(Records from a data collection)
= Beginning of Section =
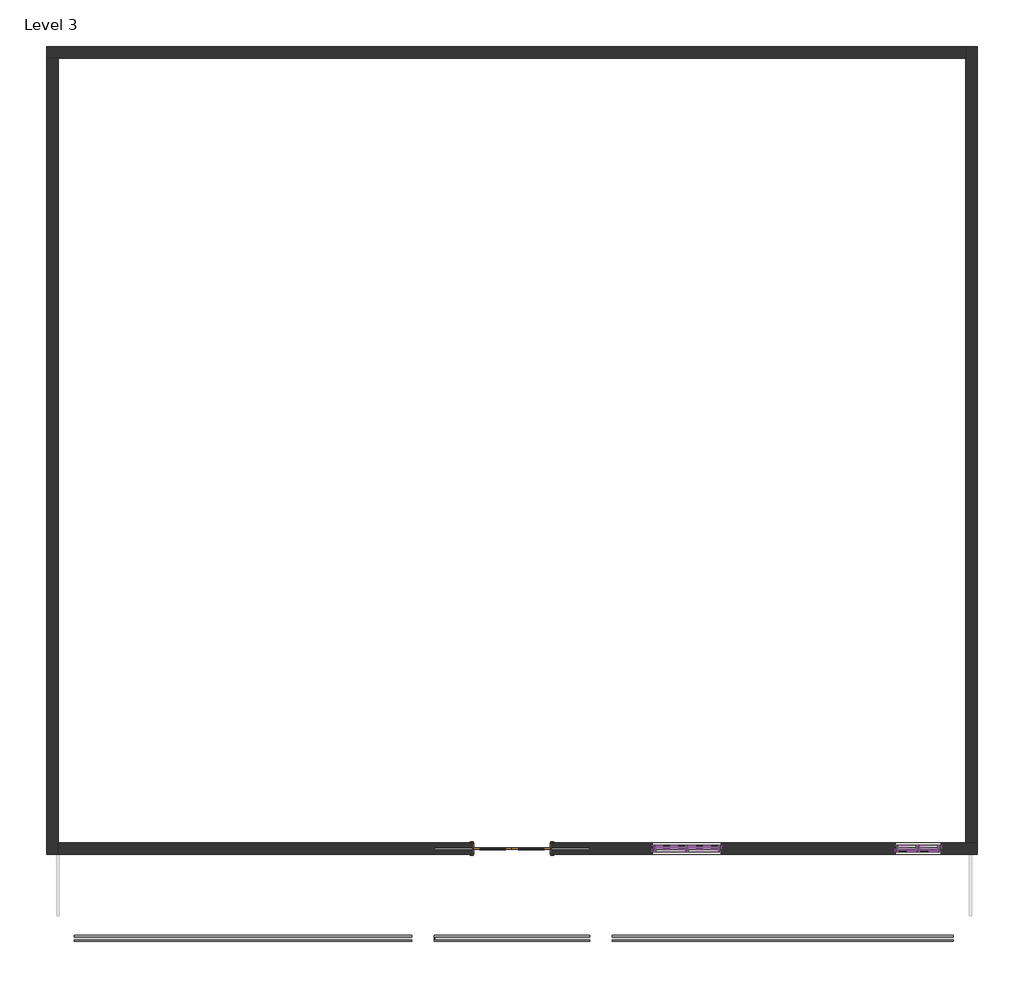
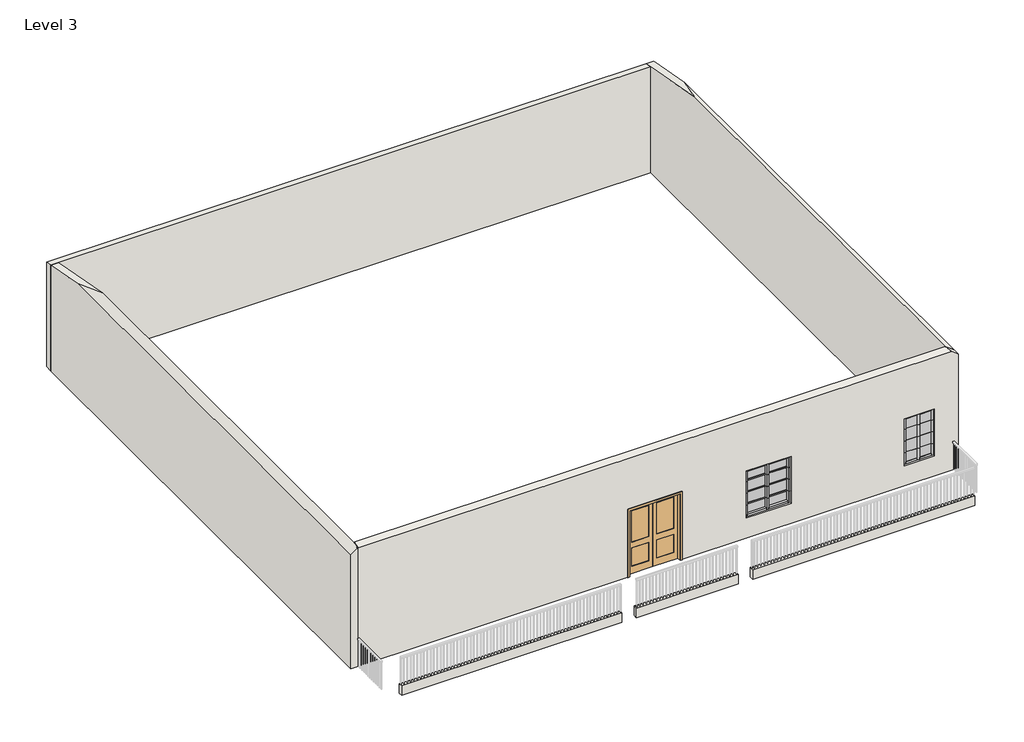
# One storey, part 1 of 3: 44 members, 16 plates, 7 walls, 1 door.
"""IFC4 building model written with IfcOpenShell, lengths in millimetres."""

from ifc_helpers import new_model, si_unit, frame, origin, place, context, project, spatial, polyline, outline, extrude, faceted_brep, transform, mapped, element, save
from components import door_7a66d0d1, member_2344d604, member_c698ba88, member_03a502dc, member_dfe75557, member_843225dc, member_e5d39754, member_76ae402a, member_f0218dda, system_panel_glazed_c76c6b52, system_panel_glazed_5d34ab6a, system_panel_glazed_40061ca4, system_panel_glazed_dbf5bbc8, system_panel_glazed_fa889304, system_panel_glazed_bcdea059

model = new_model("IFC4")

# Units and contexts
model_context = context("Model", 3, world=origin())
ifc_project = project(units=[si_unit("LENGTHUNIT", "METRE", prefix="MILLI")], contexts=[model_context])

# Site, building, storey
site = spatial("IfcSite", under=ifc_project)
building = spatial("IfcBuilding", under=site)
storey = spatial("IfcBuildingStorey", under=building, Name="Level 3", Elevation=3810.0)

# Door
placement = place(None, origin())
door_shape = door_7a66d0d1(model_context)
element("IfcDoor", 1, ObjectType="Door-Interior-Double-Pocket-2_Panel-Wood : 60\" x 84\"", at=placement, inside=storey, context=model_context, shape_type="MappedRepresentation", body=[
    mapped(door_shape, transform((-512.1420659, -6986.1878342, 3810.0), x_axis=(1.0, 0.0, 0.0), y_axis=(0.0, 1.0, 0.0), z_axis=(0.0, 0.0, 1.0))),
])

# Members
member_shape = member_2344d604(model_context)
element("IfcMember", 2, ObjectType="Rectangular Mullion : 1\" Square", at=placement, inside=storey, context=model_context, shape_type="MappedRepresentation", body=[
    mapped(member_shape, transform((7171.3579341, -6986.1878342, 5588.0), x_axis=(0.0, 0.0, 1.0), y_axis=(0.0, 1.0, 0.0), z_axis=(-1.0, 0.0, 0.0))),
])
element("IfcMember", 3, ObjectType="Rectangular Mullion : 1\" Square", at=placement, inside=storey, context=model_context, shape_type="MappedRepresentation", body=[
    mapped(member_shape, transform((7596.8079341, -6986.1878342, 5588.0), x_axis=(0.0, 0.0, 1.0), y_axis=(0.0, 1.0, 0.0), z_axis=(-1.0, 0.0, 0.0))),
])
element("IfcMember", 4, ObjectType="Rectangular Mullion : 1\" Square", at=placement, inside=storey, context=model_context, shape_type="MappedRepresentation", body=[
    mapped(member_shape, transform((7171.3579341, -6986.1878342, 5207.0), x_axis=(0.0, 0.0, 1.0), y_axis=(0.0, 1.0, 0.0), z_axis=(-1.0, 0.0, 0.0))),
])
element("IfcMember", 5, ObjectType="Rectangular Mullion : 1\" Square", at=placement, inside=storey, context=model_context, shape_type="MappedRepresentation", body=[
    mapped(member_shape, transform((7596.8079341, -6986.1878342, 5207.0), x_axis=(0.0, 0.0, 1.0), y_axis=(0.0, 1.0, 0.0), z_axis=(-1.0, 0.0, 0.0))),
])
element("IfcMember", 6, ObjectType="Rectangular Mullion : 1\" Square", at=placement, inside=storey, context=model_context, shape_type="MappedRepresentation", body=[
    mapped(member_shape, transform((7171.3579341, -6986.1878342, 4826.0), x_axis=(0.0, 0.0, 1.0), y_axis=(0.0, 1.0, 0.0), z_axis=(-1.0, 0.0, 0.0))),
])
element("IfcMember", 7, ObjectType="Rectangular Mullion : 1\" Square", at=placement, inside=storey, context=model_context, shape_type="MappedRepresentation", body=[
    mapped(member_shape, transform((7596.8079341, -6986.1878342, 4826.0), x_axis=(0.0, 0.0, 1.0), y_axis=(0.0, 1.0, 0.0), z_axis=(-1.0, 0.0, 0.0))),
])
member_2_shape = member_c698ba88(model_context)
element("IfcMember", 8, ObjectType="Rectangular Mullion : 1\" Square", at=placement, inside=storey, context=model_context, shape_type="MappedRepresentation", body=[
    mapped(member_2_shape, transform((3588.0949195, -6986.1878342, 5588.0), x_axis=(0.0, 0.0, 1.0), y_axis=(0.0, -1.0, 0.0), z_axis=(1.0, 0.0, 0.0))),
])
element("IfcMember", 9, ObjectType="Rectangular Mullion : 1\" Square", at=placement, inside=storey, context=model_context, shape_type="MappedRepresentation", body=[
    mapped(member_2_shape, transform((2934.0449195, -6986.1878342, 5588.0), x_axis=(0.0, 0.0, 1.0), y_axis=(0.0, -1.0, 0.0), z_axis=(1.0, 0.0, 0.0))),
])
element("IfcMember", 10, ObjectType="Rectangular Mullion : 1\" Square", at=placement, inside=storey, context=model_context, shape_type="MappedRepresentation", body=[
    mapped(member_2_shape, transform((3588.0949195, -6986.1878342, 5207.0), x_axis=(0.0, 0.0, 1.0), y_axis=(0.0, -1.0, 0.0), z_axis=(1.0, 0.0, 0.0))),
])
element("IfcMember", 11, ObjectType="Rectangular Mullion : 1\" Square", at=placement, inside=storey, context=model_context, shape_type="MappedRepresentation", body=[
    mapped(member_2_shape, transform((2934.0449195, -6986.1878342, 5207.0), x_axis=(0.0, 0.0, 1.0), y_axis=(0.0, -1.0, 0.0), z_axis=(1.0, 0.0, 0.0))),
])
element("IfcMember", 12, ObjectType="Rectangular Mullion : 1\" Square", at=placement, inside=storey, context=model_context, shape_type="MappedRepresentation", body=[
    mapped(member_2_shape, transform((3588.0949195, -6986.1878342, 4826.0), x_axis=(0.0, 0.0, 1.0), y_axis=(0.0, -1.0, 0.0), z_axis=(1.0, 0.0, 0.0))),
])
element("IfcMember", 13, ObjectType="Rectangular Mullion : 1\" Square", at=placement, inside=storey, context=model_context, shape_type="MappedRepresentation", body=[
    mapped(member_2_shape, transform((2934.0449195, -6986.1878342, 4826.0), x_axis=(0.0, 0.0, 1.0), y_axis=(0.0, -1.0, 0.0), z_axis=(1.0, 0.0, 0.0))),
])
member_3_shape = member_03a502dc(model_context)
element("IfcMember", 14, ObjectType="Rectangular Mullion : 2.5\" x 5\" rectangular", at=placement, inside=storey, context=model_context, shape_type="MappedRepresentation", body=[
= End of Section =
What lines in the entries contain "under"? Report each one by copying it.

site = spatial("IfcSite", under=ifc_project)
building = spatial("IfcBuilding", under=site)
storey = spatial("IfcBuildingStorey", under=building, Name="Level 3", Elevation=3810.0)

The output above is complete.